Your task.
For the entries that follow, restate word for word the line containing "#118=AXIS2_PLACEMENT_3D('',#115,#116,#117);", the line containing "#128=ORIENTED_EDGE('',*,*,#127,.T.);", and every line that lies between them.

*** Source material ***

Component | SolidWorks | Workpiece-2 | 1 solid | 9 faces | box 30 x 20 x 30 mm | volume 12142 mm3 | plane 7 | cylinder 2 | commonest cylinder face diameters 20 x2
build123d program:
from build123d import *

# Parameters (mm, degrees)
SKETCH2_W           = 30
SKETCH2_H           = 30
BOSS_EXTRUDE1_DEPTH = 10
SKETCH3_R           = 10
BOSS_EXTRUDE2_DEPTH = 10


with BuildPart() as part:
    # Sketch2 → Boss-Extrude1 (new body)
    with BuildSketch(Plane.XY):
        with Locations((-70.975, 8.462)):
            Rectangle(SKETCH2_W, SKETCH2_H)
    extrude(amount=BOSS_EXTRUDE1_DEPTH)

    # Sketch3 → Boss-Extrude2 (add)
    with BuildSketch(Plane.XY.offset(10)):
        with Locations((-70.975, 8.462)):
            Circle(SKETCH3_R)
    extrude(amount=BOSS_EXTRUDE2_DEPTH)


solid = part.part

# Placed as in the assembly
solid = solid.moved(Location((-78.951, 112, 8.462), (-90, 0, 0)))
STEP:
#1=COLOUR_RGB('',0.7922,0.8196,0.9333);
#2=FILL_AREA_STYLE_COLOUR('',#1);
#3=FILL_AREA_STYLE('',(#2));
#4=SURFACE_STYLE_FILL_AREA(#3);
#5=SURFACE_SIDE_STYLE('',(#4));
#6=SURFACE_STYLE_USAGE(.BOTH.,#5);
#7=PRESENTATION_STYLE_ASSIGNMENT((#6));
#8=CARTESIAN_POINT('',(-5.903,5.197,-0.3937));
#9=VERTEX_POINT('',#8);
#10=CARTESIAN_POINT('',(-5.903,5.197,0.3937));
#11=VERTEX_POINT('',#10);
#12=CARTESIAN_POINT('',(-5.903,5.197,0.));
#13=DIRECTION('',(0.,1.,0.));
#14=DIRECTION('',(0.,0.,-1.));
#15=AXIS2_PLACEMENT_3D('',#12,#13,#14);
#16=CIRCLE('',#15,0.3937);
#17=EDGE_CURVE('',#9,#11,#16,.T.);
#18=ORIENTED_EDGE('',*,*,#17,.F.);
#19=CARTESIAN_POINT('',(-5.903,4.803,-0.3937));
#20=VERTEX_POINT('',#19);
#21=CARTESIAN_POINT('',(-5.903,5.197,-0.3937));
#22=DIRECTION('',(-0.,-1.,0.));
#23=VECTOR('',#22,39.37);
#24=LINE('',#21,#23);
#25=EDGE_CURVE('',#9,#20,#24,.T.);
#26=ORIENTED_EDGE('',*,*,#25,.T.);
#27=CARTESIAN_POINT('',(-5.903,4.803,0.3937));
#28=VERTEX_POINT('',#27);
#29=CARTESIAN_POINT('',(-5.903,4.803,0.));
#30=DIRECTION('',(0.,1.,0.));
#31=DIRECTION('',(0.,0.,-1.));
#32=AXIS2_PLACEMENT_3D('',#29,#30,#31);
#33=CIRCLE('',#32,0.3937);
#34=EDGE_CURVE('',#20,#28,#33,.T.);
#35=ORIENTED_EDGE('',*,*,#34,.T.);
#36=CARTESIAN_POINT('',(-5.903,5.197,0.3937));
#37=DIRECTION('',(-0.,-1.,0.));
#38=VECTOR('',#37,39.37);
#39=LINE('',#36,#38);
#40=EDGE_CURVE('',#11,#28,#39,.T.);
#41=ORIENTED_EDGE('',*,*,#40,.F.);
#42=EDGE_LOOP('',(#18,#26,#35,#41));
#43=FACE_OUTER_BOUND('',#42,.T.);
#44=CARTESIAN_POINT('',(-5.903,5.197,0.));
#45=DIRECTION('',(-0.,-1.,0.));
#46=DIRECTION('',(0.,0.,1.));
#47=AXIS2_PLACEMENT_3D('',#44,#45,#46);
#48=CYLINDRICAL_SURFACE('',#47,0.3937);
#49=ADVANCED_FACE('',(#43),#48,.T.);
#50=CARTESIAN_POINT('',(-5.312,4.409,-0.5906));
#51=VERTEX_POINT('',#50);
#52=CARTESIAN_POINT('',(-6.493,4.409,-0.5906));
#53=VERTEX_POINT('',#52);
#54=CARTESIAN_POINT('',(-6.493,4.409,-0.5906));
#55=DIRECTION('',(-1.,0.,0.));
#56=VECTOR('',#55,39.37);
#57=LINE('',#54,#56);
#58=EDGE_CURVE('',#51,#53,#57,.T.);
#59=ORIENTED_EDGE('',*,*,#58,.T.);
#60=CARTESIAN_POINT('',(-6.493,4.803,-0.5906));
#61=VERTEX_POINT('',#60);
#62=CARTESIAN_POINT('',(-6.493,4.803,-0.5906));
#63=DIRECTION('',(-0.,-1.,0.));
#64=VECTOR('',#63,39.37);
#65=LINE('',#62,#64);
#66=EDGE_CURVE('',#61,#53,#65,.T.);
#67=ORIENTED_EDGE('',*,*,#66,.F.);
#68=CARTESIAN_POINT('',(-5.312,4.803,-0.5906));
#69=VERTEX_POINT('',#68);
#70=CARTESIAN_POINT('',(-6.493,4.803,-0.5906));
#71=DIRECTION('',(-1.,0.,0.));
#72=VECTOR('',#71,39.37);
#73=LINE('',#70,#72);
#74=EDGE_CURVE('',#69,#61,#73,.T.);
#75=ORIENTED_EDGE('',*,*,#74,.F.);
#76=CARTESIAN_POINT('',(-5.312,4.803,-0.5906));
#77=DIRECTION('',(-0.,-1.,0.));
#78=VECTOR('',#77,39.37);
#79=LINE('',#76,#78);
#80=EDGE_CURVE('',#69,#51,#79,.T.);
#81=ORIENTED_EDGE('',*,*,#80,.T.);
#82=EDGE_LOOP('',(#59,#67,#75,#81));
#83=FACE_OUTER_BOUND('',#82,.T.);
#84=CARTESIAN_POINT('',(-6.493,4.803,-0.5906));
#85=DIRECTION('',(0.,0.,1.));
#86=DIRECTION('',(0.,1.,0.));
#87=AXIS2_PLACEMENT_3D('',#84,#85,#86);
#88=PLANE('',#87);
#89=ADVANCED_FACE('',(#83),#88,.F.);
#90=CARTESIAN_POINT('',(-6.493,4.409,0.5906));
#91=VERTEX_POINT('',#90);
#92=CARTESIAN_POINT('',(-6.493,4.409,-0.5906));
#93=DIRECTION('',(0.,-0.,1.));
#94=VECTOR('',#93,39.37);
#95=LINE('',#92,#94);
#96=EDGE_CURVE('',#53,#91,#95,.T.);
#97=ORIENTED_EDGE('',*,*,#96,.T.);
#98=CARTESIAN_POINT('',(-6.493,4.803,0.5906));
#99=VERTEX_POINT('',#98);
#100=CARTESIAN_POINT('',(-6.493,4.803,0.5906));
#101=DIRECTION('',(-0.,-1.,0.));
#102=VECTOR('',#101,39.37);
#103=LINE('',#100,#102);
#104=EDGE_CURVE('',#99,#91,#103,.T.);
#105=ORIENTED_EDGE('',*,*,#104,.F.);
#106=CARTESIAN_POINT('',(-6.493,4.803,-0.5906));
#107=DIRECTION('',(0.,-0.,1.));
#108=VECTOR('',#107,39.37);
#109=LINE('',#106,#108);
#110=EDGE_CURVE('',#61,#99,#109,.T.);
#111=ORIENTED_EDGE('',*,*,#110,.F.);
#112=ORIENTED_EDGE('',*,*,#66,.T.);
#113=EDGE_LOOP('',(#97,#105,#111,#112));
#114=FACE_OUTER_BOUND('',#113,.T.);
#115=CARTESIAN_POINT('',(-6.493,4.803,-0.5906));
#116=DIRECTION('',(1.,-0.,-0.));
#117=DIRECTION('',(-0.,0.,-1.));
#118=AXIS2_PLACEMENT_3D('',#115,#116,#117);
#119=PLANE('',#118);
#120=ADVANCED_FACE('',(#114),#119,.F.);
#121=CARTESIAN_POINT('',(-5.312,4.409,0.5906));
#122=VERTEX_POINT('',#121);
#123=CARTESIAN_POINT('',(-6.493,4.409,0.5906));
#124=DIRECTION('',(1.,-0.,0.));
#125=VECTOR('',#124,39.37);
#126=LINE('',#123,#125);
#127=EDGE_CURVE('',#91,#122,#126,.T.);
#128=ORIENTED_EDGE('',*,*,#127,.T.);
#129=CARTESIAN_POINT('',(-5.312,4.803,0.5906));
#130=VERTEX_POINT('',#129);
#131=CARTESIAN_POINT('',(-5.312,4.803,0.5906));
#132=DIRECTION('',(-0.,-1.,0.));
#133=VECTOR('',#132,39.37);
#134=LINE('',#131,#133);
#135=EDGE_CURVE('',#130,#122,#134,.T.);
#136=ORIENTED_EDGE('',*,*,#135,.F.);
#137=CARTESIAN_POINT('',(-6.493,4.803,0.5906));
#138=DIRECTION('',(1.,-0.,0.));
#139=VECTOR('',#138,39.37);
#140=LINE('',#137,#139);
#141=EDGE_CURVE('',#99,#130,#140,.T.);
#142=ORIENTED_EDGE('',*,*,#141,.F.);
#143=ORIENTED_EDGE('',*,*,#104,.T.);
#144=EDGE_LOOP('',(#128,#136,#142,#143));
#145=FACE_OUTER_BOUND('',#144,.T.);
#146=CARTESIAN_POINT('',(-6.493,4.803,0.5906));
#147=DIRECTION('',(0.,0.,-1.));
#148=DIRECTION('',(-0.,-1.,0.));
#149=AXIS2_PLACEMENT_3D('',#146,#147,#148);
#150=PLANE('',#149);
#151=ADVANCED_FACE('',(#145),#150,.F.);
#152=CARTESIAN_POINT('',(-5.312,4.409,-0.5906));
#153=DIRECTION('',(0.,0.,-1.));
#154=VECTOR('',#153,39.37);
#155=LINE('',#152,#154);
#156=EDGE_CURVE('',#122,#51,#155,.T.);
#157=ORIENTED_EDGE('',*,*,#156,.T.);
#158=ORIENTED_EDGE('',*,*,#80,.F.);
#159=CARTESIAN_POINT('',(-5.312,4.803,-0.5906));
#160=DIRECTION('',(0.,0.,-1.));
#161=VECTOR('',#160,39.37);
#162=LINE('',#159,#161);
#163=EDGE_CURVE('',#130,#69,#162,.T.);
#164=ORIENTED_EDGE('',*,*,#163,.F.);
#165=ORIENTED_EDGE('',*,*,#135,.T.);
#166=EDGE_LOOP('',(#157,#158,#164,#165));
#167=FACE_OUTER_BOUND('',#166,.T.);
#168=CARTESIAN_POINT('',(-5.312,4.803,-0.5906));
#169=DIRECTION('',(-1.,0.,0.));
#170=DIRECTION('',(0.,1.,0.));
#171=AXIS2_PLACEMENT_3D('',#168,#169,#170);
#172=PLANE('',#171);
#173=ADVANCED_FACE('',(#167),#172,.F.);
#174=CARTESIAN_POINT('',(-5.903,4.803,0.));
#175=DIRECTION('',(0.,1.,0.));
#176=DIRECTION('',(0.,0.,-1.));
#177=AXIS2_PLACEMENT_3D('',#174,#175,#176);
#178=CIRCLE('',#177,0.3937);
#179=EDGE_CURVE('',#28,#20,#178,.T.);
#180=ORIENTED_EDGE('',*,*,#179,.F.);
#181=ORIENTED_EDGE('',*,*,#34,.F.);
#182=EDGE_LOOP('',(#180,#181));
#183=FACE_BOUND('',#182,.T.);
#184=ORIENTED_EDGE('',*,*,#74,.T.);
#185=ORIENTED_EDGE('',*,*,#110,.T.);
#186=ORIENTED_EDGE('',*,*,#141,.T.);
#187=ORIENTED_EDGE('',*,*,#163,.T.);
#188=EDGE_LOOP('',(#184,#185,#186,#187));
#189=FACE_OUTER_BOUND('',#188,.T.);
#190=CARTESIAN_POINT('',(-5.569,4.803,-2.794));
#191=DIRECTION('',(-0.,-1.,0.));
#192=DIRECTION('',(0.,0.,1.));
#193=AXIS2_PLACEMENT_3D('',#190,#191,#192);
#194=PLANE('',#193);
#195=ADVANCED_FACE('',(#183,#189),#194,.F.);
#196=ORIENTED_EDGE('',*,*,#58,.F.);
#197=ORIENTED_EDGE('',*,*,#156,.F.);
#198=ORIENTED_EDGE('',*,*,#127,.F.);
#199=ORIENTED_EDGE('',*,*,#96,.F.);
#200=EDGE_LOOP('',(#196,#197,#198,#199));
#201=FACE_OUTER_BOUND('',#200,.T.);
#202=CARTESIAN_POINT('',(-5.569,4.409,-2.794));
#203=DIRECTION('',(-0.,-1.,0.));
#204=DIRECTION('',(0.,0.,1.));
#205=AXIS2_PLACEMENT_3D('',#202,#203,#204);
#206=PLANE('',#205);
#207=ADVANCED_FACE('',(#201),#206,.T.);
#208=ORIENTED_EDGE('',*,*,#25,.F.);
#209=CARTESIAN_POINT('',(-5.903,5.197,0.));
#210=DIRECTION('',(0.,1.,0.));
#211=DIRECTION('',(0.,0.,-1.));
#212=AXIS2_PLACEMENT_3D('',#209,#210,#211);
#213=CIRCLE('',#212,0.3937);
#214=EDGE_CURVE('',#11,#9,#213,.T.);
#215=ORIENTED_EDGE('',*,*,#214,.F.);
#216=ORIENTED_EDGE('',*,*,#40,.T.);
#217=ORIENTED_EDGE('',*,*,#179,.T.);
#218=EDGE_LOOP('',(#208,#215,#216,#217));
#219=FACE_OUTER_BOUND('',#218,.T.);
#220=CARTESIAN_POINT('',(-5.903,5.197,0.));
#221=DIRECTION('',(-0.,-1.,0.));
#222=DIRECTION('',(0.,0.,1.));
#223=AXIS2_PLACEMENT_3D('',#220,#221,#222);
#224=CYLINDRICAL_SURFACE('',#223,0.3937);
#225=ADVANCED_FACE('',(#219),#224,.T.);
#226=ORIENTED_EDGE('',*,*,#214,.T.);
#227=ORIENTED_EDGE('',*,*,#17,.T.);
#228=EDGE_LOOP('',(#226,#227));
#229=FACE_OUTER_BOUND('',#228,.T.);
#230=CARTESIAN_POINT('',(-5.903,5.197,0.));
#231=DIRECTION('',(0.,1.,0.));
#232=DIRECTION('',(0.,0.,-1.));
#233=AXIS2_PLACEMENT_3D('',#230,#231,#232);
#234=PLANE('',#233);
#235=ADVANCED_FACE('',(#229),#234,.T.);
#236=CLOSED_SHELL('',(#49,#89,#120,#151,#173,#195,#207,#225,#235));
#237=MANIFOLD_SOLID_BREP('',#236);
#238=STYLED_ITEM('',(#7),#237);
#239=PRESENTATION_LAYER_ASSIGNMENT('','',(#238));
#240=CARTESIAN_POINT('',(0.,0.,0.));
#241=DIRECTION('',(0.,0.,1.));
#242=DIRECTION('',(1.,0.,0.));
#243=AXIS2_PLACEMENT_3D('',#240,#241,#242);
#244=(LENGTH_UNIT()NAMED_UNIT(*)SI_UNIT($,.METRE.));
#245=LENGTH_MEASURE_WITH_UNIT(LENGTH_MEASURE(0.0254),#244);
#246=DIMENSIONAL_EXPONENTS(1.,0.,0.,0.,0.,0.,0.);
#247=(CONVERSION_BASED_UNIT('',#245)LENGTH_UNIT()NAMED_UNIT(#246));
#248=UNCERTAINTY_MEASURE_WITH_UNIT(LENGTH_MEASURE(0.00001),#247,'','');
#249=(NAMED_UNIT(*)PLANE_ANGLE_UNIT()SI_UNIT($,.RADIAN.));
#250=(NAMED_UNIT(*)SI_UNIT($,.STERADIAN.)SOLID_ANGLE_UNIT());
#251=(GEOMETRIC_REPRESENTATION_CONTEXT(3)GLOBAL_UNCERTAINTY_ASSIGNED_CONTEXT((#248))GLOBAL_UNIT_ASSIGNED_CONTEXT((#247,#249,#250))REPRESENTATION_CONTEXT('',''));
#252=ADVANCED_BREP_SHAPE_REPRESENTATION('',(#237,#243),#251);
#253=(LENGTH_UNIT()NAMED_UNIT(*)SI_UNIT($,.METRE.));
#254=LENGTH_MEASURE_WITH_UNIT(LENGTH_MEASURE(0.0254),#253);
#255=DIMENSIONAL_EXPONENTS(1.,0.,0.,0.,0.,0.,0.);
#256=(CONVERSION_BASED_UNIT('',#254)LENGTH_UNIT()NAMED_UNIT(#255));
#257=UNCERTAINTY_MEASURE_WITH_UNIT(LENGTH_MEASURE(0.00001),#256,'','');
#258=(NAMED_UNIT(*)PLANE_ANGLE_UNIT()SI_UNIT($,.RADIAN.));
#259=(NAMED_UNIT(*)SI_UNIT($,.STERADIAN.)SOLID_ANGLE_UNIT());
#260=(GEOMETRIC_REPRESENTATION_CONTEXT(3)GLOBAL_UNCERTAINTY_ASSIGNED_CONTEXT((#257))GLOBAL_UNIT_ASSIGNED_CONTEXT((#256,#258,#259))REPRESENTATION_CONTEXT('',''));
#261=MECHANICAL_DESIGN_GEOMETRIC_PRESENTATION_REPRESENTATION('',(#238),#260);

*** End of Source material ***

Answer box.
#118=AXIS2_PLACEMENT_3D('',#115,#116,#117);
#119=PLANE('',#118);
#120=ADVANCED_FACE('',(#114),#119,.F.);
#121=CARTESIAN_POINT('',(-5.312,4.409,0.5906));
#122=VERTEX_POINT('',#121);
#123=CARTESIAN_POINT('',(-6.493,4.409,0.5906));
#124=DIRECTION('',(1.,-0.,0.));
#125=VECTOR('',#124,39.37);
#126=LINE('',#123,#125);
#127=EDGE_CURVE('',#91,#122,#126,.T.);
#128=ORIENTED_EDGE('',*,*,#127,.T.);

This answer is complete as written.